- _Data to process_:
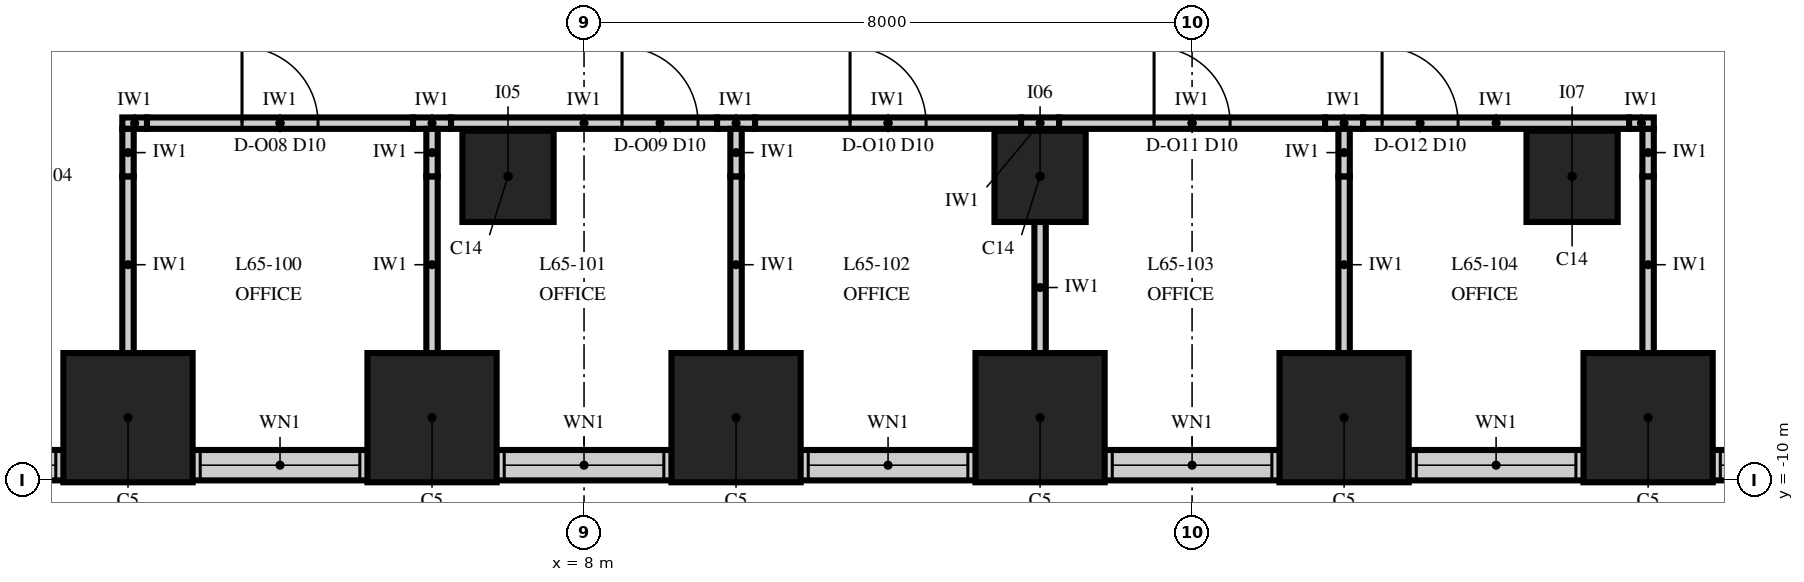
"""IFC4 building model, lengths in metres.
Left out: names, types, materials, properties, quantities, classifications, styles, units other than length and angle.
Written with IfcOpenShell. Run it as: python <this file> out.ifc"""

import sys

from ifc_helpers import new_model, si_unit, direction, frame, frame_2d, origin, origin_2d, place, context, subcontext, project, spatial, rectangle, extrude, element, fill, save


model = new_model("IFC4")
c1 = context("Model", 3, precision=1e-05, world=origin(), true_north=direction((0.0, 1.0)))
c2 = subcontext(c1, "Body", "Model", "MODEL_VIEW")
j1 = project(units=[si_unit("LENGTHUNIT", "METRE"), si_unit("PLANEANGLEUNIT", "RADIAN")], contexts=[c1])
p1 = place(None, origin())
s1 = spatial("IfcSite", under=j1, at=p1, CompositionType="ELEMENT")
p2 = place(p1, origin())
s2 = spatial("IfcBuilding", under=s1, at=p2, CompositionType="ELEMENT")
p3 = place(p2, frame((0.0, 0.0, 280.0)))
s3 = spatial("IfcBuildingStorey", under=s2, at=p3, CompositionType="ELEMENT", Elevation=280.0)
for number, where, z_axis, x_axis in (
    (1, (2.0, -9.175, 0.0), (0.0, 0.0, 1.0), (1.0, 0.0, 0.0)),
    (2, (6.0, -9.175, 0.0), (0.0, 0.0, 1.0), (1.0, 0.0, 0.0)),
    (3, (10.0, -9.175, 0.0), (0.0, 0.0, 1.0), (1.0, 0.0, 0.0)),
    (4, (14.0, -9.175, 0.0), (0.0, 0.0, 1.0), (1.0, 0.0, 0.0)),
    (5, (18.0, -9.175, 0.0), (0.0, 0.0, 1.0), (1.0, 0.0, 0.0)),
    (6, (22.0, -9.175, 0.0), (0.0, 0.0, 1.0), (1.0, 0.0, 0.0)),
):
    element("IfcColumn", number, at=place(p3, frame(where, z_axis=z_axis, x_axis=x_axis)), inside=s3, PredefinedType="COLUMN", context=c2, shape_type="SweptSolid", body=[
        extrude(rectangle(XDim=1.7, YDim=1.7, at=origin_2d()), origin(), (0.0, 0.0, 1.0), 4.0),
    ])
for number, where, z_axis, x_axis in (
    (7, (7.0, -6.0, 0.0), (0.0, 0.0, 1.0), (1.0, 0.0, 0.0)),
    (8, (14.0, -6.0, 0.0), (0.0, 0.0, 1.0), (1.0, 0.0, 0.0)),
    (9, (21.0, -6.0, 0.0), (0.0, 0.0, 1.0), (1.0, 0.0, 0.0)),
):
    element("IfcColumn", number, at=place(p3, frame(where, z_axis=z_axis, x_axis=x_axis)), inside=s3, PredefinedType="COLUMN", context=c2, shape_type="SweptSolid", body=[
        extrude(rectangle(XDim=1.2, YDim=1.2, at=origin_2d()), origin(), (0.0, 0.0, 1.0), 4.0),
    ])
p4 = place(p3, frame((-26.0, -9.8, 0.0), z_axis=(0.0, 0.0, 1.0), x_axis=(1.0, 0.0, 0.0)))
e10 = element("IfcWall", 10, at=p4, inside=s3, PredefinedType="SOLIDWALL", context=c2, shape_type="SweptSolid", body=[
    extrude(rectangle(XDim=52.0, YDim=0.4, at=frame_2d((26.0, 0.0))), origin(), (0.0, 0.0, 1.0), 2.0),
])
p5 = place(p4, frame((0.95, 0.0, 0.8)))
e11 = element("IfcOpeningElement", 11, at=p5, cuts=e10, PredefinedType="OPENING", context=c2, shape_type="SweptSolid", body=[
    extrude(rectangle(XDim=2.1, YDim=1.15, at=frame_2d((1.05, 0.575))), frame((0.0, 0.215, 0.0), z_axis=(0.0, -1.0, 0.0), x_axis=(1.0, 0.0, 0.0)), (0.0, 0.0, 1.0), 0.43),
])
p6 = place(p4, frame((4.95, 0.0, 0.8)))
e12 = element("IfcOpeningElement", 12, at=p6, cuts=e10, PredefinedType="OPENING", context=c2, shape_type="SweptSolid", body=[
    extrude(rectangle(XDim=2.1, YDim=1.15, at=frame_2d((1.05, 0.575))), frame((0.0, 0.215, 0.0), z_axis=(0.0, -1.0, 0.0), x_axis=(1.0, 0.0, 0.0)), (0.0, 0.0, 1.0), 0.43),
])
p7 = place(p4, frame((8.95, 0.0, 0.8)))
e13 = element("IfcOpeningElement", 13, at=p7, cuts=e10, PredefinedType="OPENING", context=c2, shape_type="SweptSolid", body=[
    extrude(rectangle(XDim=2.1, YDim=1.15, at=frame_2d((1.05, 0.575))), frame((0.0, 0.215, 0.0), z_axis=(0.0, -1.0, 0.0), x_axis=(1.0, 0.0, 0.0)), (0.0, 0.0, 1.0), 0.43),
])
p8 = place(p4, frame((12.95, 0.0, 0.8)))
e14 = element("IfcOpeningElement", 14, at=p8, cuts=e10, PredefinedType="OPENING", context=c2, shape_type="SweptSolid", body=[
    extrude(rectangle(XDim=2.1, YDim=1.15, at=frame_2d((1.05, 0.575))), frame((0.0, 0.215, 0.0), z_axis=(0.0, -1.0, 0.0), x_axis=(1.0, 0.0, 0.0)), (0.0, 0.0, 1.0), 0.43),
])
p9 = place(p4, frame((16.95, 0.0, 0.8)))
e15 = element("IfcOpeningElement", 15, at=p9, cuts=e10, PredefinedType="OPENING", context=c2, shape_type="SweptSolid", body=[
    extrude(rectangle(XDim=2.1, YDim=1.15, at=frame_2d((1.05, 0.575))), frame((0.0, 0.215, 0.0), z_axis=(0.0, -1.0, 0.0), x_axis=(1.0, 0.0, 0.0)), (0.0, 0.0, 1.0), 0.43),
])
p10 = place(p4, frame((20.95, 0.0, 0.8)))
e16 = element("IfcOpeningElement", 16, at=p10, cuts=e10, PredefinedType="OPENING", context=c2, shape_type="SweptSolid", body=[
    extrude(rectangle(XDim=2.1, YDim=1.15, at=frame_2d((1.05, 0.575))), frame((0.0, 0.215, 0.0), z_axis=(0.0, -1.0, 0.0), x_axis=(1.0, 0.0, 0.0)), (0.0, 0.0, 1.0), 0.43),
])
p11 = place(p4, frame((24.95, 0.0, 0.8)))
e17 = element("IfcOpeningElement", 17, at=p11, cuts=e10, PredefinedType="OPENING", context=c2, shape_type="SweptSolid", body=[
    extrude(rectangle(XDim=2.1, YDim=1.15, at=frame_2d((1.05, 0.575))), frame((0.0, 0.215, 0.0), z_axis=(0.0, -1.0, 0.0), x_axis=(1.0, 0.0, 0.0)), (0.0, 0.0, 1.0), 0.43),
])
p12 = place(p4, frame((28.95, 0.0, 0.8)))
e18 = element("IfcOpeningElement", 18, at=p12, cuts=e10, PredefinedType="OPENING", context=c2, shape_type="SweptSolid", body=[
    extrude(rectangle(XDim=2.1, YDim=1.15, at=frame_2d((1.05, 0.575))), frame((0.0, 0.215, 0.0), z_axis=(0.0, -1.0, 0.0), x_axis=(1.0, 0.0, 0.0)), (0.0, 0.0, 1.0), 0.43),
])
p13 = place(p4, frame((32.95, 0.0, 0.8)))
e19 = element("IfcOpeningElement", 19, at=p13, cuts=e10, PredefinedType="OPENING", context=c2, shape_type="SweptSolid", body=[
    extrude(rectangle(XDim=2.1, YDim=1.15, at=frame_2d((1.05, 0.575))), frame((0.0, 0.215, 0.0), z_axis=(0.0, -1.0, 0.0), x_axis=(1.0, 0.0, 0.0)), (0.0, 0.0, 1.0), 0.43),
])
p14 = place(p4, frame((36.95, 0.0, 0.8)))
e20 = element("IfcOpeningElement", 20, at=p14, cuts=e10, PredefinedType="OPENING", context=c2, shape_type="SweptSolid", body=[
    extrude(rectangle(XDim=2.1, YDim=1.15, at=frame_2d((1.05, 0.575))), frame((0.0, 0.215, 0.0), z_axis=(0.0, -1.0, 0.0), x_axis=(1.0, 0.0, 0.0)), (0.0, 0.0, 1.0), 0.43),
])
p15 = place(p4, frame((40.95, 0.0, 0.8)))
e21 = element("IfcOpeningElement", 21, at=p15, cuts=e10, PredefinedType="OPENING", context=c2, shape_type="SweptSolid", body=[
    extrude(rectangle(XDim=2.1, YDim=1.15, at=frame_2d((1.05, 0.575))), frame((0.0, 0.215, 0.0), z_axis=(0.0, -1.0, 0.0), x_axis=(1.0, 0.0, 0.0)), (0.0, 0.0, 1.0), 0.43),
])
p16 = place(p4, frame((44.95, 0.0, 0.8)))
e22 = element("IfcOpeningElement", 22, at=p16, cuts=e10, PredefinedType="OPENING", context=c2, shape_type="SweptSolid", body=[
    extrude(rectangle(XDim=2.1, YDim=1.15, at=frame_2d((1.05, 0.575))), frame((0.0, 0.215, 0.0), z_axis=(0.0, -1.0, 0.0), x_axis=(1.0, 0.0, 0.0)), (0.0, 0.0, 1.0), 0.43),
])
p17 = place(p4, frame((48.95, 0.0, 0.8)))
e23 = element("IfcOpeningElement", 23, at=p17, cuts=e10, PredefinedType="OPENING", context=c2, shape_type="SweptSolid", body=[
    extrude(rectangle(XDim=2.1, YDim=1.15, at=frame_2d((1.05, 0.575))), frame((0.0, 0.215, 0.0), z_axis=(0.0, -1.0, 0.0), x_axis=(1.0, 0.0, 0.0)), (0.0, 0.0, 1.0), 0.43),
])
p18 = place(p3, frame((1.925, -5.3, 0.0), z_axis=(0.0, 0.0, 1.0), x_axis=(1.0, 0.0, 0.0)))
e24 = element("IfcWall", 24, at=p18, inside=s3, PredefinedType="PARTITIONING", context=c2, shape_type="SweptSolid", body=[
    extrude(rectangle(XDim=0.325, YDim=0.15, at=frame_2d((0.163, 0.0))), origin(), (0.0, 0.0, 1.0), 2.25),
])
p19 = place(p3, frame((2.25, -5.3, 0.0), z_axis=(0.0, 0.0, 1.0), x_axis=(1.0, 0.0, 0.0)))
e25 = element("IfcWall", 25, at=p19, inside=s3, PredefinedType="PARTITIONING", context=c2, shape_type="SweptSolid", body=[
    extrude(rectangle(XDim=3.5, YDim=0.15, at=frame_2d((1.75, 0.0))), origin(), (0.0, 0.0, 1.0), 3.85),
])
p20 = place(p19, frame((1.25, 0.0, 0.0)))
e26 = element("IfcOpeningElement", 26, at=p20, cuts=e25, PredefinedType="OPENING", context=c2, shape_type="SweptSolid", body=[
    extrude(rectangle(XDim=1.0, YDim=2.3, at=frame_2d((0.5, 1.15))), frame((0.0, 0.09, 0.0), z_axis=(0.0, -1.0, 0.0), x_axis=(1.0, 0.0, 0.0)), (0.0, 0.0, 1.0), 0.18),
])
p21 = place(p3, frame((5.75, -5.3, 0.0), z_axis=(0.0, 0.0, 1.0), x_axis=(1.0, 0.0, 0.0)))
e27 = element("IfcWall", 27, at=p21, inside=s3, PredefinedType="PARTITIONING", context=c2, shape_type="SweptSolid", body=[
    extrude(rectangle(XDim=0.5, YDim=0.15, at=frame_2d((0.25, 0.0))), origin(), (0.0, 0.0, 1.0), 2.25),
])
p22 = place(p3, frame((6.25, -5.3, 0.0), z_axis=(0.0, 0.0, 1.0), x_axis=(1.0, 0.0, 0.0)))
e28 = element("IfcWall", 28, at=p22, inside=s3, PredefinedType="PARTITIONING", context=c2, shape_type="SweptSolid", body=[
    extrude(rectangle(XDim=3.5, YDim=0.15, at=frame_2d((1.75, 0.0))), origin(), (0.0, 0.0, 1.0), 3.85),
])
p23 = place(p22, frame((2.25, 0.0, 0.0)))
e29 = element("IfcOpeningElement", 29, at=p23, cuts=e28, PredefinedType="OPENING", context=c2, shape_type="SweptSolid", body=[
    extrude(rectangle(XDim=1.0, YDim=2.3, at=frame_2d((0.5, 1.15))), frame((0.0, 0.09, 0.0), z_axis=(0.0, -1.0, 0.0), x_axis=(1.0, 0.0, 0.0)), (0.0, 0.0, 1.0), 0.18),
])
p24 = place(p3, frame((9.75, -5.3, 0.0), z_axis=(0.0, 0.0, 1.0), x_axis=(1.0, 0.0, 0.0)))
e30 = element("IfcWall", 30, at=p24, inside=s3, PredefinedType="PARTITIONING", context=c2, shape_type="SweptSolid", body=[
    extrude(rectangle(XDim=0.5, YDim=0.15, at=frame_2d((0.25, 0.0))), origin(), (0.0, 0.0, 1.0), 2.25),
])
p25 = place(p3, frame((10.25, -5.3, 0.0), z_axis=(0.0, 0.0, 1.0), x_axis=(1.0, 0.0, 0.0)))
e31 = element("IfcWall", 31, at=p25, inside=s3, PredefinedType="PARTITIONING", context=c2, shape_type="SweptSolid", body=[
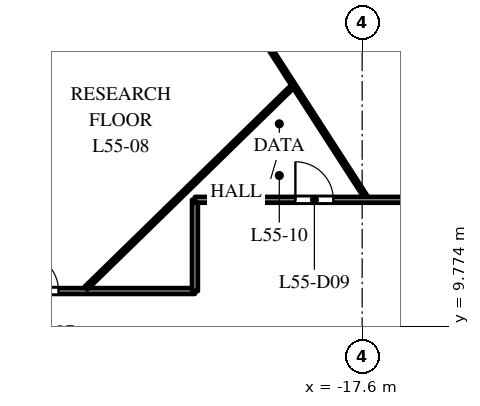
"""IFC4 building model, lengths in metres.
Left out: names, types, materials, properties, quantities, classifications, styles, units other than length and angle.
Written with IfcOpenShell. Run it as: python <this file> out.ifc"""

import sys

from ifc_helpers import new_model, si_unit, direction, frame, frame_2d, origin, place, context, subcontext, project, spatial, rectangle, extrude, element, fill, save


model = new_model("IFC4")
c1 = context("Model", 3, precision=1e-05, world=origin(), true_north=direction((0.0, 1.0)))
c2 = subcontext(c1, "Body", "Model", "MODEL_VIEW")
j1 = project(units=[si_unit("LENGTHUNIT", "METRE"), si_unit("PLANEANGLEUNIT", "RADIAN")], contexts=[c1])
p1 = place(None, origin())
s1 = spatial("IfcSite", under=j1, at=p1, CompositionType="ELEMENT")
p2 = place(p1, origin())
s2 = spatial("IfcBuilding", under=s1, at=p2, CompositionType="ELEMENT")
p3 = place(p2, frame((0.0, 0.0, 261.5)))
s3 = spatial("IfcBuildingStorey", under=s2, at=p3, CompositionType="ELEMENT", Elevation=261.5)
p4 = place(p3, frame((-31.5, 10.7, 0.0), z_axis=(0.0, 0.0, 1.0), x_axis=(1.0, 0.0, 0.0)))
e1 = element("IfcWall", 1, at=p4, inside=s3, PredefinedType="PARTITIONING", context=c2, shape_type="SweptSolid", body=[
    extrude(rectangle(XDim=9.5, YDim=0.15, at=frame_2d((4.75, 0.0))), origin(), (0.0, 0.0, 1.0), 3.1),
])
p5 = place(p4, frame((4.91, 0.0, 0.0)))
e2 = element("IfcOpeningElement", 2, at=p5, cuts=e1, PredefinedType="OPENING", context=c2, shape_type="SweptSolid", body=[
    extrude(rectangle(XDim=1.0, YDim=2.1, at=frame_2d((0.5, 1.05))), frame((0.0, 0.085, 0.0), z_axis=(0.0, -1.0, 0.0), x_axis=(1.0, 0.0, 0.0)), (0.0, 0.0, 1.0), 0.17),
])
p6 = place(p3, frame((-24.866, 10.778, 0.0), z_axis=(0.0, 0.0, 1.0), x_axis=(0.715632814242, 0.698476681916, 0.0)))
e3 = element("IfcWall", 3, at=p6, inside=s3, PredefinedType="PARTITIONING", context=c2, shape_type="SweptSolid", body=[
    extrude(rectangle(XDim=7.585, YDim=0.1, at=frame_2d((3.792, 0.0))), origin(), (0.0, 0.0, 1.0), 2.75),
])
p7 = place(p3, frame((-22.905, 21.542, 0.0), z_axis=(0.0, 0.0, 1.0), x_axis=(0.542277075573, -0.840199722273, 0.0)))
e4 = element("IfcWall", 4, at=p7, inside=s3, PredefinedType="PARTITIONING", context=c2, shape_type="SweptSolid", body=[
    extrude(rectangle(XDim=9.958, YDim=0.1, at=frame_2d((4.979, 0.0))), origin(), (0.0, 0.0, 1.0), 3.0),
])
p8 = place(p3, frame((-22.0, 10.7, 0.0), z_axis=(0.0, 0.0, 1.0), x_axis=(0.0, 1.0, 0.0)))
e5 = element("IfcWall", 5, at=p8, inside=s3, PredefinedType="PARTITIONING", context=c2, shape_type="SweptSolid", body=[
    extrude(rectangle(XDim=2.4, YDim=0.15, at=frame_2d((1.2, 0.0))), origin(), (0.0, 0.0, 1.0), 3.7),
])
p9 = place(p3, frame((-22.0, 13.1, 0.0), z_axis=(0.0, 0.0, 1.0), x_axis=(1.0, 0.0, 0.0)))
e6 = element("IfcWall", 6, at=p9, inside=s3, PredefinedType="PARTITIONING", context=c2, shape_type="SweptSolid", body=[
    extrude(rectangle(XDim=17.507, YDim=0.15, at=frame_2d((8.753, 0.0))), origin(), (0.0, 0.0, 1.0), 2.75),
])
p10 = place(p9, frame((2.643, 0.0, 0.0)))
e7 = element("IfcOpeningElement", 7, at=p10, cuts=e6, PredefinedType="OPENING", context=c2, shape_type="SweptSolid", body=[
    extrude(rectangle(XDim=1.0, YDim=2.1, at=frame_2d((0.5, 1.05))), frame((0.0, 0.085, 0.0), z_axis=(0.0, -1.0, 0.0), x_axis=(1.0, 0.0, 0.0)), (0.0, 0.0, 1.0), 0.17),
])
p11 = place(p9, frame((15.877, 0.0, 0.0)))
e8 = element("IfcOpeningElement", 8, at=p11, cuts=e6, PredefinedType="OPENING", context=c2, shape_type="SweptSolid", body=[
    extrude(rectangle(XDim=1.0, YDim=2.1, at=frame_2d((0.5, 1.05))), frame((0.0, 0.085, 0.0), z_axis=(0.0, -1.0, 0.0), x_axis=(1.0, 0.0, 0.0)), (0.0, 0.0, 1.0), 0.17),
])
p12 = place(p5, origin())
e9 = element("IfcDoor", 9, at=p12, inside=s3, OperationType="SINGLE_SWING_LEFT", PredefinedType="DOOR", context=c2, shape_type="SweptSolid", body=[
    extrude(rectangle(XDim=1.0, YDim=2.1, at=frame_2d((0.5, 1.05))), frame((0.0, 0.025, 0.0), z_axis=(0.0, -1.0, 0.0), x_axis=(1.0, 0.0, 0.0)), (0.0, 0.0, 1.0), 0.05),
])
fill(e2, e9)
p13 = place(p10, origin())
e10 = element("IfcDoor", 10, at=p13, inside=s3, OperationType="SINGLE_SWING_LEFT", PredefinedType="DOOR", context=c2, shape_type="SweptSolid", body=[
    extrude(rectangle(XDim=1.0, YDim=2.1, at=frame_2d((0.5, 1.05))), frame((0.0, 0.025, 0.0), z_axis=(0.0, -1.0, 0.0), x_axis=(1.0, 0.0, 0.0)), (0.0, 0.0, 1.0), 0.05),
])
fill(e7, e10)
save(model, sys.argv[1])

- _Work instructions_: Return, in full, every line of these entries that holds "IfcDoor".

- _Written response_:
e9 = element("IfcDoor", 9, at=p12, inside=s3, OperationType="SINGLE_SWING_LEFT", PredefinedType="DOOR", context=c2, shape_type="SweptSolid", body=[
e10 = element("IfcDoor", 10, at=p13, inside=s3, OperationType="SINGLE_SWING_LEFT", PredefinedType="DOOR", context=c2, shape_type="SweptSolid", body=[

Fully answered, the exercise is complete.